● Records from a collection:
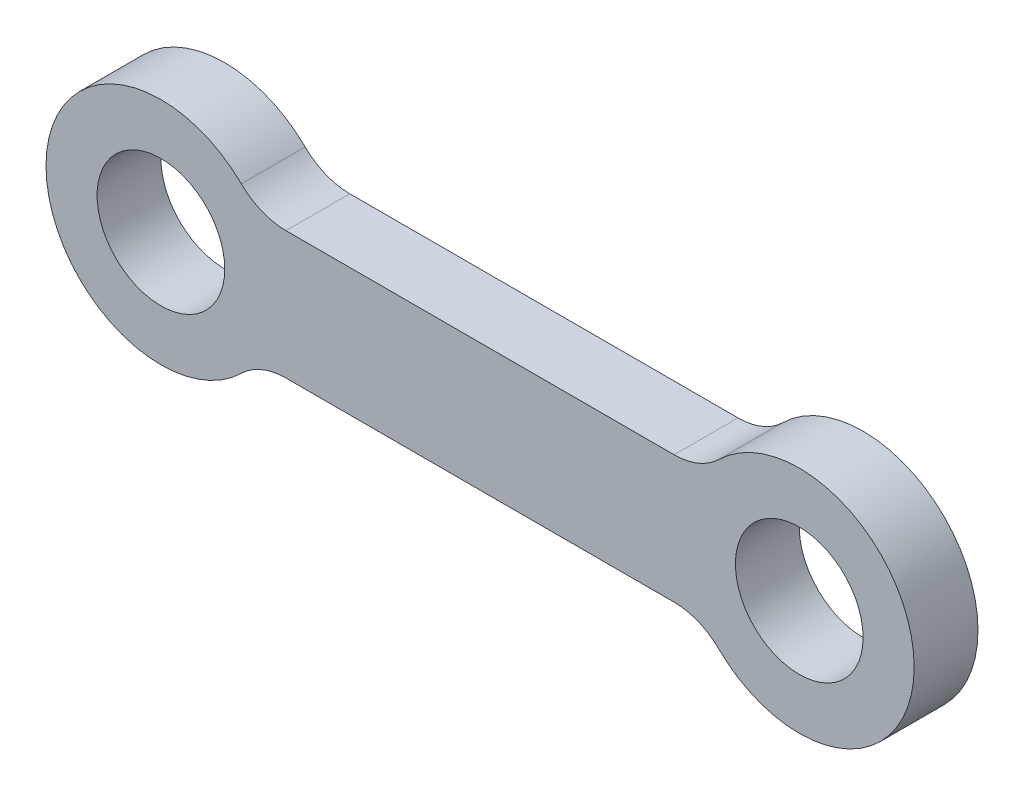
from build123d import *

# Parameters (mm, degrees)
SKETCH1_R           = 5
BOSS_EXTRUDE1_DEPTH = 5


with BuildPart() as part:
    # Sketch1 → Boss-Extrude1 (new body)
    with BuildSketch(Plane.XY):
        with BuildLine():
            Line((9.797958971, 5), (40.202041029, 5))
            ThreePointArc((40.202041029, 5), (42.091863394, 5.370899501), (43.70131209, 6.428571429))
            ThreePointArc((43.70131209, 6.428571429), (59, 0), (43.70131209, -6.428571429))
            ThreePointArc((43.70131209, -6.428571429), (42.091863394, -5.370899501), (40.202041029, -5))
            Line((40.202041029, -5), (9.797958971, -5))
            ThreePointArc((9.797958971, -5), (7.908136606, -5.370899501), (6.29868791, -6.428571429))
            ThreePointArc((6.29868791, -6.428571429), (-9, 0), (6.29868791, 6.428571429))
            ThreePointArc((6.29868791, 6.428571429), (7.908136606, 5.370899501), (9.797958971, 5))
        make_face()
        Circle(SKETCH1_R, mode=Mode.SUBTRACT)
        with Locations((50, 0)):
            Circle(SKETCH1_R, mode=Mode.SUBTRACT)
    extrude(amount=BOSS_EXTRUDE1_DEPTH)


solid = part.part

● EXERCISE INSTRUCTIONS:
Give only the lines from the one holding "Line((40.202041029, -5), (9.797958971, -5))" through the one holding "make_face()", each restated exactly as it appears above.

● TASK ANSWER:
            Line((40.202041029, -5), (9.797958971, -5))
            ThreePointArc((9.797958971, -5), (7.908136606, -5.370899501), (6.29868791, -6.428571429))
            ThreePointArc((6.29868791, -6.428571429), (-9, 0), (6.29868791, 6.428571429))
            ThreePointArc((6.29868791, 6.428571429), (7.908136606, 5.370899501), (9.797958971, 5))
        make_face()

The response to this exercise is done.